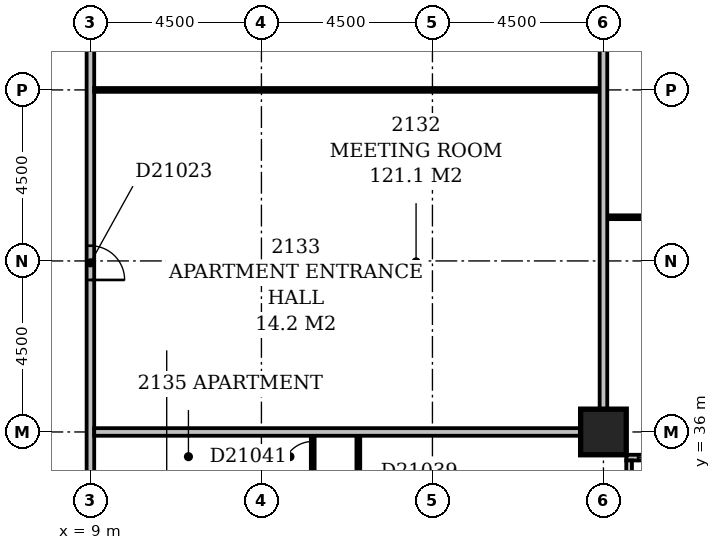
"""IFC4 building model, lengths in metres.
Left out: names, types, materials, properties, quantities, classifications, styles, units other than length and angle.
Written with IfcOpenShell. Run it as: python <this file> out.ifc"""

import sys

from ifc_helpers import new_model, si_unit, direction, frame, frame_2d, origin, origin_2d, place, context, subcontext, project, spatial, rectangle, extrude, element, fill, save


model = new_model("IFC4")
c1 = context("Model", 3, precision=1e-05, world=origin(), true_north=direction((0.0, 1.0)))
c2 = subcontext(c1, "Body", "Model", "MODEL_VIEW")
j1 = project(units=[si_unit("LENGTHUNIT", "METRE"), si_unit("PLANEANGLEUNIT", "RADIAN")], contexts=[c1])
p1 = place(None, origin())
s1 = spatial("IfcSite", under=j1, at=p1, CompositionType="ELEMENT")
p2 = place(p1, origin())
s2 = spatial("IfcBuilding", under=s1, at=p2, CompositionType="ELEMENT")
p3 = place(p2, frame((0.0, 0.0, 86.6)))
s3 = spatial("IfcBuildingStorey", under=s2, at=p3, CompositionType="ELEMENT", Elevation=86.6)
p4 = place(p3, frame((22.5, 36.0, -0.3), z_axis=(0.0, 0.0, 1.0), x_axis=(1.0, 0.0, 0.0)))
e1 = element("IfcColumn", 1, at=p4, inside=s3, PredefinedType="COLUMN", context=c2, shape_type="SweptSolid", body=[
    extrude(rectangle(XDim=1.2, YDim=1.2, at=origin_2d()), origin(), (0.0, 0.0, 1.0), 3.6),
])
p5 = place(p3, frame((23.175, 17.4, 0.0), z_axis=(0.0, 0.0, 1.0), x_axis=(0.0, 1.0, 0.0)))
e2 = element("IfcWall", 2, at=p5, inside=s3, PredefinedType="STANDARD", context=c2, shape_type="SweptSolid", body=[
    extrude(rectangle(XDim=17.85, YDim=0.15, at=frame_2d((8.925, 0.0))), origin(), (0.0, 0.0, 1.0), 2.7),
])
p6 = place(p5, frame((1.435, 0.0, 0.6)))
e3 = element("IfcOpeningElement", 3, at=p6, cuts=e2, PredefinedType="OPENING", context=c2, shape_type="SweptSolid", body=[
    extrude(rectangle(XDim=2.1, YDim=1.8, at=frame_2d((1.05, 0.9))), frame((0.0, 0.087, 0.0), z_axis=(0.0, -1.0, 0.0), x_axis=(1.0, 0.0, 0.0)), (0.0, 0.0, 1.0), 0.174),
])
p7 = place(p5, frame((6.15, 0.0, 0.6)))
e4 = element("IfcOpeningElement", 4, at=p7, cuts=e2, PredefinedType="OPENING", context=c2, shape_type="SweptSolid", body=[
    extrude(rectangle(XDim=2.4, YDim=1.8, at=frame_2d((1.2, 0.9))), frame((0.0, 0.087, 0.0), z_axis=(0.0, -1.0, 0.0), x_axis=(1.0, 0.0, 0.0)), (0.0, 0.0, 1.0), 0.174),
])
p8 = place(p5, frame((10.65, 0.0, 0.6)))
e5 = element("IfcOpeningElement", 5, at=p8, cuts=e2, PredefinedType="OPENING", context=c2, shape_type="SweptSolid", body=[
    extrude(rectangle(XDim=2.4, YDim=1.8, at=frame_2d((1.2, 0.9))), frame((0.0, 0.087, 0.0), z_axis=(0.0, -1.0, 0.0), x_axis=(1.0, 0.0, 0.0)), (0.0, 0.0, 1.0), 0.174),
])
p9 = place(p5, frame((15.15, 0.0, 0.6)))
e6 = element("IfcOpeningElement", 6, at=p9, cuts=e2, PredefinedType="OPENING", context=c2, shape_type="SweptSolid", body=[
    extrude(rectangle(XDim=2.4, YDim=1.8, at=frame_2d((1.2, 0.9))), frame((0.0, 0.087, 0.0), z_axis=(0.0, -1.0, 0.0), x_axis=(1.0, 0.0, 0.0)), (0.0, 0.0, 1.0), 0.174),
])
p10 = place(p3, frame((23.1, 35.325, 0.0), z_axis=(0.0, 0.0, 1.0), x_axis=(1.0, 0.0, 0.0)))
e7 = element("IfcWall", 7, at=p10, inside=s3, PredefinedType="STANDARD", context=c2, shape_type="SweptSolid", body=[
    extrude(rectangle(XDim=45.15, YDim=0.15, at=frame_2d((22.575, 0.0))), origin(), (0.0, 0.0, 1.0), 2.7),
])
p11 = place(p10, frame((0.312, 0.0, 0.6)))
e8 = element("IfcOpeningElement", 8, at=p11, cuts=e7, PredefinedType="OPENING", context=c2, shape_type="SweptSolid", body=[
    extrude(rectangle(XDim=2.1, YDim=1.8, at=frame_2d((1.05, 0.9))), frame((0.0, 0.087, 0.0), z_axis=(0.0, -1.0, 0.0), x_axis=(1.0, 0.0, 0.0)), (0.0, 0.0, 1.0), 0.174),
])
p12 = place(p10, frame((4.95, 0.0, 0.6)))
e9 = element("IfcOpeningElement", 9, at=p12, cuts=e7, PredefinedType="OPENING", context=c2, shape_type="SweptSolid", body=[
    extrude(rectangle(XDim=2.4, YDim=1.8, at=frame_2d((1.2, 0.9))), frame((0.0, 0.087, 0.0), z_axis=(0.0, -1.0, 0.0), x_axis=(1.0, 0.0, 0.0)), (0.0, 0.0, 1.0), 0.174),
])
p13 = place(p10, frame((9.45, 0.0, 0.6)))
e10 = element("IfcOpeningElement", 10, at=p13, cuts=e7, PredefinedType="OPENING", context=c2, shape_type="SweptSolid", body=[
    extrude(rectangle(XDim=2.4, YDim=1.8, at=frame_2d((1.2, 0.9))), frame((0.0, 0.087, 0.0), z_axis=(0.0, -1.0, 0.0), x_axis=(1.0, 0.0, 0.0)), (0.0, 0.0, 1.0), 0.174),
])
p14 = place(p10, frame((13.95, 0.0, 0.6)))
e11 = element("IfcOpeningElement", 11, at=p14, cuts=e7, PredefinedType="OPENING", context=c2, shape_type="SweptSolid", body=[
    extrude(rectangle(XDim=2.4, YDim=1.8, at=frame_2d((1.2, 0.9))), frame((0.0, 0.087, 0.0), z_axis=(0.0, -1.0, 0.0), x_axis=(1.0, 0.0, 0.0)), (0.0, 0.0, 1.0), 0.174),
])
p15 = place(p10, frame((18.45, 0.0, 0.6)))
e12 = element("IfcOpeningElement", 12, at=p15, cuts=e7, PredefinedType="OPENING", context=c2, shape_type="SweptSolid", body=[
    extrude(rectangle(XDim=2.4, YDim=1.8, at=frame_2d((1.2, 0.9))), frame((0.0, 0.087, 0.0), z_axis=(0.0, -1.0, 0.0), x_axis=(1.0, 0.0, 0.0)), (0.0, 0.0, 1.0), 0.174),
])
p16 = place(p10, frame((24.097, 0.0, 0.6)))
e13 = element("IfcOpeningElement", 13, at=p16, cuts=e7, PredefinedType="OPENING", context=c2, shape_type="SweptSolid", body=[
    extrude(rectangle(XDim=1.5, YDim=1.8, at=frame_2d((0.75, 0.9))), frame((0.0, 0.087, 0.0), z_axis=(0.0, -1.0, 0.0), x_axis=(1.0, 0.0, 0.0)), (0.0, 0.0, 1.0), 0.174),
])
p17 = place(p10, frame((27.331, 0.0, 0.6)))
e14 = element("IfcOpeningElement", 14, at=p17, cuts=e7, PredefinedType="OPENING", context=c2, shape_type="SweptSolid", body=[
    extrude(rectangle(XDim=2.1, YDim=1.8, at=frame_2d((1.05, 0.9))), frame((0.0, 0.087, 0.0), z_axis=(0.0, -1.0, 0.0), x_axis=(1.0, 0.0, 0.0)), (0.0, 0.0, 1.0), 0.174),
])
p18 = place(p10, frame((31.95, 0.0, 0.6)))
e15 = element("IfcOpeningElement", 15, at=p18, cuts=e7, PredefinedType="OPENING", context=c2, shape_type="SweptSolid", body=[
    extrude(rectangle(XDim=2.4, YDim=1.8, at=frame_2d((1.2, 0.9))), frame((0.0, 0.087, 0.0), z_axis=(0.0, -1.0, 0.0), x_axis=(1.0, 0.0, 0.0)), (0.0, 0.0, 1.0), 0.174),
])
p19 = place(p10, frame((36.45, 0.0, 0.6)))
e16 = element("IfcOpeningElement", 16, at=p19, cuts=e7, PredefinedType="OPENING", context=c2, shape_type="SweptSolid", body=[
    extrude(rectangle(XDim=2.4, YDim=1.8, at=frame_2d((1.2, 0.9))), frame((0.0, 0.087, 0.0), z_axis=(0.0, -1.0, 0.0), x_axis=(1.0, 0.0, 0.0)), (0.0, 0.0, 1.0), 0.174),
])
p20 = place(p10, frame((40.95, 0.0, 0.6)))
e17 = element("IfcOpeningElement", 17, at=p20, cuts=e7, PredefinedType="OPENING", context=c2, shape_type="SweptSolid", body=[
    extrude(rectangle(XDim=2.4, YDim=1.8, at=frame_2d((1.2, 0.9))), frame((0.0, 0.087, 0.0), z_axis=(0.0, -1.0, 0.0), x_axis=(1.0, 0.0, 0.0)), (0.0, 0.0, 1.0), 0.174),
])
p21 = place(p3, frame((9.0, 5.0, 0.0), z_axis=(0.0, 0.0, 1.0), x_axis=(0.0, 1.0, 0.0)))
e18 = element("IfcWall", 18, at=p21, inside=s3, PredefinedType="PARTITIONING", context=c2, shape_type="SweptSolid", body=[
    extrude(rectangle(XDim=44.5, YDim=0.2, at=frame_2d((22.25, 0.0))), origin(), (0.0, 0.0, 1.0), 3.3),
])
p22 = place(p21, frame((28.45, 0.0, 0.0)))
e19 = element("IfcOpeningElement", 19, at=p22, cuts=e18, PredefinedType="OPENING", context=c2, shape_type="SweptSolid", body=[
    extrude(rectangle(XDim=1.0, YDim=2.1, at=frame_2d((0.5, 1.05))), frame((0.0, 0.112, 0.0), z_axis=(0.0, -1.0, 0.0), x_axis=(1.0, 0.0, 0.0)), (0.0, 0.0, 1.0), 0.224),
])
p23 = place(p21, frame((22.8, 0.0, 0.0)))
e20 = element("IfcOpeningElement", 20, at=p23, cuts=e18, PredefinedType="OPENING", context=c2, shape_type="SweptSolid", body=[
    extrude(rectangle(XDim=1.0, YDim=2.1, at=frame_2d((0.5, 1.05))), frame((0.0, 0.112, 0.0), z_axis=(0.0, -1.0, 0.0), x_axis=(1.0, 0.0, 0.0)), (0.0, 0.0, 1.0), 0.224),
])
p24 = place(p21, frame((14.55, 0.0, 0.0)))
e21 = element("IfcOpeningElement", 21, at=p24, cuts=e18, PredefinedType="OPENING", context=c2, shape_type="SweptSolid", body=[
    extrude(rectangle(XDim=1.0, YDim=2.1, at=frame_2d((0.5, 1.05))), frame((0.0, 0.112, 0.0), z_axis=(0.0, -1.0, 0.0), x_axis=(1.0, 0.0, 0.0)), (0.0, 0.0, 1.0), 0.224),
])
p25 = place(p21, frame((9.3, 0.0, 0.0)))
e22 = element("IfcOpeningElement", 22, at=p25, cuts=e18, PredefinedType="OPENING", context=c2, shape_type="SweptSolid", body=[
    extrude(rectangle(XDim=1.0, YDim=2.1, at=frame_2d((0.5, 1.05))), frame((0.0, 0.112, 0.0), z_axis=(0.0, -1.0, 0.0), x_axis=(1.0, 0.0, 0.0)), (0.0, 0.0, 1.0), 0.224),
])
p26 = place(p21, frame((35.0, 0.0, 0.0)))
e23 = element("IfcOpeningElement", 23, at=p26, cuts=e18, PredefinedType="OPENING", context=c2, shape_type="SweptSolid", body=[
    extrude(rectangle(XDim=0.9, YDim=2.1, at=frame_2d((0.45, 1.05))), frame((0.0, 0.112, 0.0), z_axis=(0.0, -1.0, 0.0), x_axis=(1.0, 0.0, 0.0)), (0.0, 0.0, 1.0), 0.224),
])
p27 = place(p21, frame((1.5, 0.0, 0.0)))
e24 = element("IfcOpeningElement", 24, at=p27, cuts=e18, PredefinedType="OPENING", context=c2, shape_type="SweptSolid", body=[
    extrude(rectangle(XDim=0.9, YDim=2.1, at=frame_2d((0.45, 1.05))), frame((0.0, 0.112, 0.0), z_axis=(0.0, -1.0, 0.0), x_axis=(1.0, 0.0, 0.0)), (0.0, 0.0, 1.0), 0.224),
])
p28 = place(p3, frame((16.05, 31.6, 0.0), z_axis=(0.0, 0.0, 1.0), x_axis=(0.0, 1.0, 0.0)))
e25 = element("IfcWall", 25, at=p28, inside=s3, PredefinedType="PARTITIONING", context=c2, shape_type="SweptSolid", body=[
    extrude(rectangle(XDim=4.3, YDim=0.1, at=frame_2d((2.15, 0.0))), origin(), (0.0, 0.0, 1.0), 3.3),
])
p29 = place(p28, frame((1.7, 0.0, 0.0)))
e26 = element("IfcOpeningElement", 26, at=p29, cuts=e25, PredefinedType="OPENING", context=c2, shape_type="SweptSolid", body=[
    extrude(rectangle(XDim=0.9, YDim=2.1, at=frame_2d((0.45, 1.05))), frame((0.0, 0.062, 0.0), z_axis=(0.0, -1.0, 0.0), x_axis=(1.0, 0.0, 0.0)), (0.0, 0.0, 1.0), 0.124),
])
p30 = place(p3, frame((14.85, 34.7, 0.0), z_axis=(0.0, 0.0, 1.0), x_axis=(0.0, 1.0, 0.0)))
e27 = element("IfcWall", 27, at=p30, inside=s3, PredefinedType="PARTITIONING", context=c2, shape_type="SweptSolid", body=[
    extrude(rectangle(XDim=1.2, YDim=0.1, at=frame_2d((0.6, 0.0))), origin(), (0.0, 0.0, 1.0), 3.3),
])
p31 = place(p30, frame((0.25, 0.0, 0.0)))
e28 = element("IfcOpeningElement", 28, at=p31, cuts=e27, PredefinedType="OPENING", context=c2, shape_type="SweptSolid", body=[
    extrude(rectangle(XDim=0.8, YDim=2.1, at=frame_2d((0.4, 1.05))), frame((0.0, 0.062, 0.0), z_axis=(0.0, -1.0, 0.0), x_axis=(1.0, 0.0, 0.0)), (0.0, 0.0, 1.0), 0.124),
])
p32 = place(p3, frame((9.1, 36.0, 0.0), z_axis=(0.0, 0.0, 1.0), x_axis=(1.0, 0.0, 0.0)))
e29 = element("IfcWall", 29, at=p32, inside=s3, PredefinedType="PARTITIONING", context=c2, shape_type="SweptSolid", body=[
    extrude(rectangle(XDim=12.8, YDim=0.2, at=frame_2d((6.4, 0.0))), origin(), (0.0, 0.0, 1.0), 2.4),
])
p33 = place(p3, frame((22.5, 36.6, 0.0), z_axis=(0.0, 0.0, 1.0), x_axis=(0.0, 1.0, 0.0)))
e30 = element("IfcWall", 30, at=p33, inside=s3, PredefinedType="PARTITIONING", context=c2, shape_type="SweptSolid", body=[
    extrude(rectangle(XDim=12.8, YDim=0.2, at=frame_2d((6.4, 0.0))), origin(), (0.0, 0.0, 1.0), 3.3),
])
p34 = place(p3, frame((22.6, 41.65, 0.0), z_axis=(0.0, 0.0, 1.0), x_axis=(1.0, 0.0, 0.0)))
e31 = element("IfcWall", 31, at=p34, inside=s3, PredefinedType="PARTITIONING", context=c2, shape_type="SweptSolid", body=[
    extrude(rectangle(XDim=8.8, YDim=0.1, at=frame_2d((4.4, 0.0))), origin(), (0.0, 0.0, 1.0), 3.3),
])
p35 = place(p34, frame((1.7, 0.0, 0.0)))
e32 = element("IfcOpeningElement", 32, at=p35, cuts=e31, PredefinedType="OPENING", context=c2, shape_type="SweptSolid", body=[
    extrude(rectangle(XDim=0.9, YDim=2.1, at=frame_2d((0.45, 1.05))), frame((0.0, 0.062, 0.0), z_axis=(0.0, -1.0, 0.0), x_axis=(1.0, 0.0, 0.0)), (0.0, 0.0, 1.0), 0.124),
])
p36 = place(p34, frame((6.2, 0.0, 0.0)))
e33 = element("IfcOpeningElement", 33, at=p36, cuts=e31, PredefinedType="OPENING", context=c2, shape_type="SweptSolid", body=[
    extrude(rectangle(XDim=0.9, YDim=2.1, at=frame_2d((0.45, 1.05))), frame((0.0, 0.062, 0.0), z_axis=(0.0, -1.0, 0.0), x_axis=(1.0, 0.0, 0.0)), (0.0, 0.0, 1.0), 0.124),
])
p37 = place(p3, frame((9.1, 45.0, 0.0), z_axis=(0.0, 0.0, 1.0), x_axis=(1.0, 0.0, 0.0)))
e34 = element("IfcWall", 34, at=p37, inside=s3, PredefinedType="PARTITIONING", context=c2, shape_type="SweptSolid", body=[
    extrude(rectangle(XDim=13.3, YDim=0.1, at=frame_2d((6.65, 0.0))), origin(), (0.0, 0.0, 1.0), 3.3),
])
p38 = place(p11, origin())
e35 = element("IfcWindow", 35, at=p38, inside=s3, PartitioningType="SINGLE_PANEL", PredefinedType="WINDOW", context=c2, shape_type="SweptSolid", body=[
    extrude(rectangle(XDim=2.1, YDim=1.8, at=frame_2d((1.05, 0.9))), frame((0.0, 0.03, 0.0), z_axis=(0.0, -1.0, 0.0), x_axis=(1.0, 0.0, 0.0)), (0.0, 0.0, 1.0), 0.06),
])
fill(e8, e35)
p39 = place(p26, frame((0.9, 0.0, 0.0), z_axis=(0.0, 0.0, 1.0), x_axis=(-1.0, 0.0, 0.0)))
e36 = element("IfcDoor", 36, at=p39, inside=s3, OperationType="SINGLE_SWING_RIGHT", PredefinedType="DOOR", context=c2, shape_type="SweptSolid", body=[
    extrude(rectangle(XDim=0.9, YDim=2.1, at=frame_2d((0.45, 1.05))), frame((0.0, 0.025, 0.0), z_axis=(0.0, -1.0, 0.0), x_axis=(1.0, 0.0, 0.0)), (0.0, 0.0, 1.0), 0.05),
])
fill(e23, e36)
p40 = place(p31, origin())
e37 = element("IfcDoor", 37, at=p40, inside=s3, OperationType="SINGLE_SWING_LEFT", PredefinedType="DOOR", context=c2, shape_type="SweptSolid", body=[
    extrude(rectangle(XDim=0.8, YDim=2.1, at=frame_2d((0.4, 1.05))), frame((0.0, 0.025, 0.0), z_axis=(0.0, -1.0, 0.0), x_axis=(1.0, 0.0, 0.0)), (0.0, 0.0, 1.0), 0.05),
])
fill(e28, e37)
save(model, sys.argv[1])
========
■ **How to complete this task**:
Please report every line among the entries that includes "STANDARD".

■ **Result of the task**:
e2 = element("IfcWall", 2, at=p5, inside=s3, PredefinedType="STANDARD", context=c2, shape_type="SweptSolid", body=[
e7 = element("IfcWall", 7, at=p10, inside=s3, PredefinedType="STANDARD", context=c2, shape_type="SweptSolid", body=[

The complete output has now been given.